* _Instructions for the task_: All lines of the material that contain "spatial" must be copied out.

Segment Open

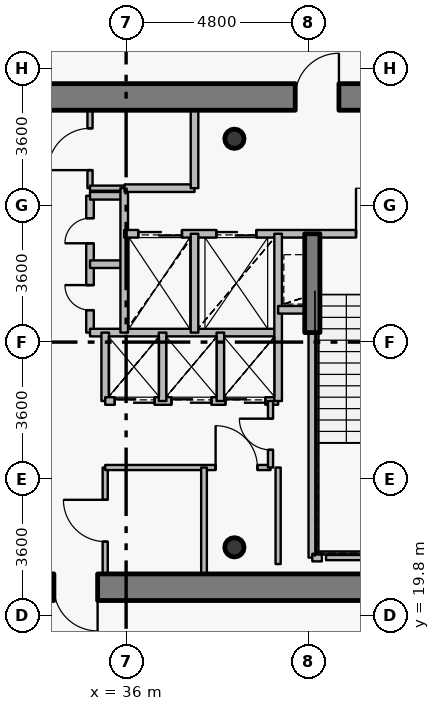
"""IFC4 building model, lengths in metres.
Left out: names, types, materials, properties, quantities, classifications, styles, units other than length and angle.
Written with IfcOpenShell. Run it as: python <this file> out.ifc"""

import sys

from ifc_helpers import new_model, si_unit, direction, frame, frame_2d, origin, origin_2d, place, context, subcontext, project, spatial, rectangle, hollow_circle, extrude, source, transform, mapped, element, fill, save


model = new_model("IFC4")
c1 = context("Model", 3, precision=1e-05, world=origin(), true_north=direction((0.0, 1.0)))
c2 = subcontext(c1, "Body", "Model", "MODEL_VIEW")
j1 = project(units=[si_unit("LENGTHUNIT", "METRE"), si_unit("PLANEANGLEUNIT", "RADIAN")], contexts=[c1])
p1 = place(None, origin())
s1 = spatial("IfcSite", under=j1, at=p1, CompositionType="ELEMENT")
p2 = place(p1, origin())
s2 = spatial("IfcBuilding", under=s1, at=p2, CompositionType="ELEMENT")
p3 = place(p2, frame((0.0, 0.0, 346.8)))
s3 = spatial("IfcBuildingStorey", under=s2, at=p3, CompositionType="ELEMENT", Elevation=346.8)
for number, where, z_axis, x_axis in (
    (1, (38.85, 21.6, 0.0), (0.0, 0.0, 1.0), (1.0, 0.0, 0.0)),
    (2, (38.85, 32.35, 0.0), (0.0, 0.0, 1.0), (1.0, 0.0, 0.0)),
):
    element("IfcColumn", number, at=place(p3, frame(where, z_axis=z_axis, x_axis=x_axis)), inside=s3, PredefinedType="COLUMN", context=c2, shape_type="SweptSolid", body=[
        extrude(hollow_circle(Radius=0.254, WallThickness=0.02, at=origin_2d()), origin(), (0.0, 0.0, 1.0), 4.2),
    ])
p4 = place(p3, frame((27.6, 33.45, 0.0), z_axis=(0.0, 0.0, 1.0), x_axis=(1.0, 0.0, 0.0)))
e3 = element("IfcWall", 3, at=p4, inside=s3, PredefinedType="SHEAR", context=c2, shape_type="SweptSolid", body=[
    extrude(rectangle(XDim=16.8, YDim=0.7, at=frame_2d((8.4, 0.0))), origin(), (0.0, 0.0, 1.0), 3.45),
])
p5 = place(p4, frame((12.85, 0.0, 0.0)))
e4 = element("IfcOpeningElement", 4, at=p5, cuts=e3, PredefinedType="OPENING", context=c2, shape_type="SweptSolid", body=[
    extrude(rectangle(XDim=1.15, YDim=2.15, at=origin_2d()), frame((0.575, 0.36, 1.075), z_axis=(0.0, -1.0, 0.0), x_axis=(1.0, 0.0, 0.0)), (0.0, 0.0, 1.0), 0.72),
])
p6 = place(p3, frame((44.4, 20.55, 0.0), z_axis=(0.0, 0.0, 1.0), x_axis=(-1.0, 0.0, 0.0)))
e5 = element("IfcWall", 5, at=p6, inside=s3, PredefinedType="SHEAR", context=c2, shape_type="SweptSolid", body=[
    extrude(rectangle(XDim=16.8, YDim=0.7, at=frame_2d((8.4, 0.0))), origin(), (0.0, 0.0, 1.0), 3.45),
])
p7 = place(p6, frame((13.0, 0.0, 0.0)))
e6 = element("IfcOpeningElement", 6, at=p7, cuts=e5, PredefinedType="OPENING", context=c2, shape_type="SweptSolid", body=[
    extrude(rectangle(XDim=1.15, YDim=2.15, at=origin_2d()), frame((0.575, 0.36, 1.075), z_axis=(0.0, -1.0, 0.0), x_axis=(1.0, 0.0, 0.0)), (0.0, 0.0, 1.0), 0.72),
])
p8 = place(p6, frame((9.15, 0.0, 0.0)))
e7 = element("IfcOpeningElement", 7, at=p8, cuts=e5, PredefinedType="OPENING", context=c2, shape_type="SweptSolid", body=[
    extrude(rectangle(XDim=1.15, YDim=2.15, at=origin_2d()), frame((0.575, 0.36, 1.075), z_axis=(0.0, -1.0, 0.0), x_axis=(1.0, 0.0, 0.0)), (0.0, 0.0, 1.0), 0.72),
])
p9 = place(p3, frame((40.9, 27.25, 0.0), z_axis=(0.0, 0.0, 1.0), x_axis=(0.0, 1.0, 0.0)))
e8 = element("IfcWall", 8, at=p9, inside=s3, PredefinedType="SHEAR", context=c2, shape_type="SweptSolid", body=[
    extrude(rectangle(XDim=2.6, YDim=0.4, at=frame_2d((1.3, 0.0))), origin(), (0.0, 0.0, 1.0), 3.5),
])
p10 = place(p3, frame((35.05, 27.25, 0.0), z_axis=(0.0, 0.0, 1.0), x_axis=(0.0, 1.0, 0.0)))
e9 = element("IfcWall", 9, at=p10, inside=s3, PredefinedType="PARTITIONING", context=c2, shape_type="SweptSolid", body=[
    extrude(rectangle(XDim=3.6, YDim=0.2, at=frame_2d((1.8, 0.0))), origin(), (0.0, 0.0, 1.0), 3.9),
])
p11 = place(p10, frame((0.59, 0.0, 0.0)))
e10 = element("IfcOpeningElement", 10, at=p11, cuts=e9, PredefinedType="OPENING", context=c2, shape_type="SweptSolid", body=[
    extrude(rectangle(XDim=0.66, YDim=2.05, at=origin_2d()), frame((0.33, 0.11, 1.025), z_axis=(0.0, -1.0, 0.0), x_axis=(1.0, 0.0, 0.0)), (0.0, 0.0, 1.0), 0.22),
])
p12 = place(p10, frame((2.35, 0.0, 0.0)))
e11 = element("IfcOpeningElement", 11, at=p12, cuts=e9, PredefinedType="OPENING", context=c2, shape_type="SweptSolid", body=[
    extrude(rectangle(XDim=0.66, YDim=2.05, at=origin_2d()), frame((0.33, 0.11, 1.025), z_axis=(0.0, -1.0, 0.0), x_axis=(1.0, 0.0, 0.0)), (0.0, 0.0, 1.0), 0.22),
])
p13 = place(p3, frame((35.05, 27.25, 0.0), z_axis=(0.0, 0.0, 1.0), x_axis=(1.0, 0.0, 0.0)))
e12 = element("IfcWall", 12, at=p13, inside=s3, PredefinedType="PARTITIONING", context=c2, shape_type="SweptSolid", body=[
    extrude(rectangle(XDim=4.95, YDim=0.2, at=frame_2d((2.475, 0.0))), origin(), (0.0, 0.0, 1.0), 3.485),
])
for number, where, z_axis, x_axis in (
    (13, (35.05, 29.05, 0.0), (0.0, 0.0, 1.0), (1.0, 0.0, 0.0)),
    (14, (35.05, 30.85, 0.0), (0.0, 0.0, 1.0), (1.0, 0.0, 0.0)),
):
    element("IfcWall", number, at=place(p3, frame(where, z_axis=z_axis, x_axis=x_axis)), inside=s3, PredefinedType="PARTITIONING", context=c2, shape_type="SweptSolid", body=[
        extrude(rectangle(XDim=0.9, YDim=0.2, at=frame_2d((0.45, 0.0))), origin(), (0.0, 0.0, 1.0), 3.9),
    ])
p14 = place(p3, frame((35.05, 31.05, 0.0), z_axis=(0.0, 0.0, 1.0), x_axis=(0.0, 1.0, 0.0)))
e15 = element("IfcWall", 15, at=p14, inside=s3, PredefinedType="PARTITIONING", context=c2, shape_type="SweptSolid", body=[
    extrude(rectangle(XDim=2.05, YDim=0.135, at=frame_2d((1.025, 0.0))), origin(), (0.0, 0.0, 1.0), 3.485),
])
p15 = place(p14, frame((0.475, 0.0, 0.0)))
e16 = element("IfcOpeningElement", 16, at=p15, cuts=e15, PredefinedType="OPENING", context=c2, shape_type="SweptSolid", body=[
    extrude(rectangle(XDim=1.1, YDim=2.15, at=origin_2d()), frame((0.55, 0.078, 1.075), z_axis=(0.0, -1.0, 0.0), x_axis=(1.0, 0.0, 0.0)), (0.0, 0.0, 1.0), 0.155),
])
p16 = place(p3, frame((35.05, 31.05, 0.0), z_axis=(0.0, 0.0, 1.0), x_axis=(1.0, 0.0, 0.0)))
e17 = element("IfcWall", 17, at=p16, inside=s3, PredefinedType="PARTITIONING", context=c2, shape_type="SweptSolid", body=[
    extrude(rectangle(XDim=0.9, YDim=0.135, at=frame_2d((0.45, 0.0))), origin(), (0.0, 0.0, 1.0), 3.9),
])
p17 = place(p3, frame((35.45, 20.9, 0.0), z_axis=(0.0, 0.0, 1.0), x_axis=(0.0, 1.0, 0.0)))
e18 = element("IfcWall", 18, at=p17, inside=s3, PredefinedType="PARTITIONING", context=c2, shape_type="SweptSolid", body=[
    extrude(rectangle(XDim=2.8, YDim=0.135, at=frame_2d((1.4, 0.0))), origin(), (0.0, 0.0, 1.0), 3.485),
])
p18 = place(p17, frame((0.85, 0.0, 0.0)))
e19 = element("IfcOpeningElement", 19, at=p18, cuts=e18, PredefinedType="OPENING", context=c2, shape_type="SweptSolid", body=[
    extrude(rectangle(XDim=1.1, YDim=2.15, at=origin_2d()), frame((0.55, 0.078, 1.075), z_axis=(0.0, -1.0, 0.0), x_axis=(1.0, 0.0, 0.0)), (0.0, 0.0, 1.0), 0.155),
])
p19 = place(p3, frame((35.45, 23.7, 0.0), z_axis=(0.0, 0.0, 1.0), x_axis=(1.0, 0.0, 0.0)))
e20 = element("IfcWall", 20, at=p19, inside=s3, PredefinedType="PARTITIONING", context=c2, shape_type="SweptSolid", body=[
    extrude(rectangle(XDim=4.35, YDim=0.135, at=frame_2d((2.175, 0.0))), origin(), (0.0, 0.0, 1.0), 3.485),
])
p20 = place(p19, frame((2.905, 0.0, 0.0)))
e21 = element("IfcOpeningElement", 21, at=p20, cuts=e20, PredefinedType="OPENING", context=c2, shape_type="SweptSolid", body=[
    extrude(rectangle(XDim=1.1, YDim=2.15, at=origin_2d()), frame((0.55, 0.078, 1.075), z_axis=(0.0, -1.0, 0.0), x_axis=(1.0, 0.0, 0.0)), (0.0, 0.0, 1.0), 0.155),
])
p21 = place(p3, frame((35.45, 25.45, 0.0), z_axis=(0.0, 0.0, 1.0), x_axis=(0.0, 1.0, 0.0)))
e22 = element("IfcWall", 22, at=p21, inside=s3, PredefinedType="PARTITIONING", context=c2, shape_type="SweptSolid", body=[
    extrude(rectangle(XDim=1.8, YDim=0.2, at=frame_2d((0.9, 0.0))), origin(), (0.0, 0.0, 1.0), 3.9),
])
p22 = place(p3, frame((35.45, 25.45, 0.0), z_axis=(0.0, 0.0, 1.0), x_axis=(1.0, 0.0, 0.0)))
e23 = element("IfcWall", 23, at=p22, inside=s3, PredefinedType="PARTITIONING", context=c2, shape_type="SweptSolid", body=[
    extrude(rectangle(XDim=4.55, YDim=0.2, at=frame_2d((2.275, 0.0))), origin(), (0.0, 0.0, 1.0), 3.485),
])
p23 = place(p22, frame((0.25, 0.0, 0.0)))
e24 = element("IfcOpeningElement", 24, at=p23, cuts=e23, PredefinedType="OPENING", context=c2, shape_type="SweptSolid", body=[
    extrude(rectangle(XDim=1.05, YDim=2.15, at=origin_2d()), frame((0.525, 0.11, 1.075), z_axis=(0.0, -1.0, 0.0), x_axis=(1.0, 0.0, 0.0)), (0.0, 0.0, 1.0), 0.22),
])
p24 = place(p22, frame((1.745, 0.0, 0.0)))
e25 = element("IfcOpeningElement", 25, at=p24, cuts=e23, PredefinedType="OPENING", context=c2, shape_type="SweptSolid", body=[
    extrude(rectangle(XDim=1.05, YDim=2.15, at=origin_2d()), frame((0.525, 0.11, 1.075), z_axis=(0.0, -1.0, 0.0), x_axis=(1.0, 0.0, 0.0)), (0.0, 0.0, 1.0), 0.22),
])
p25 = place(p22, frame((3.165, 0.0, 0.0)))
e26 = element("IfcOpeningElement", 26, at=p25, cuts=e23, PredefinedType="OPENING", context=c2, shape_type="SweptSolid", body=[
    extrude(rectangle(XDim=1.05, YDim=2.15, at=origin_2d()), frame((0.525, 0.11, 1.075), z_axis=(0.0, -1.0, 0.0), x_axis=(1.0, 0.0, 0.0)), (0.0, 0.0, 1.0), 0.22),
])
p26 = place(p3, frame((35.95, 27.25, 0.0), z_axis=(0.0, 0.0, 1.0), x_axis=(0.0, 1.0, 0.0)))
e27 = element("IfcWall", 27, at=p26, inside=s3, PredefinedType="PARTITIONING", context=c2, shape_type="SweptSolid", body=[
    extrude(rectangle(XDim=3.8, YDim=0.2, at=frame_2d((1.9, 0.0))), origin(), (0.0, 0.0, 1.0), 3.9),
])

Segment Closed

* _Solution to this problem_:
from ifc_helpers import new_model, si_unit, direction, frame, frame_2d, origin, origin_2d, place, context, subcontext, project, spatial, rectangle, hollow_circle, extrude, source, transform, mapped, element, fill, save
s1 = spatial("IfcSite", under=j1, at=p1, CompositionType="ELEMENT")
s2 = spatial("IfcBuilding", under=s1, at=p2, CompositionType="ELEMENT")
s3 = spatial("IfcBuildingStorey", under=s2, at=p3, CompositionType="ELEMENT", Elevation=346.8)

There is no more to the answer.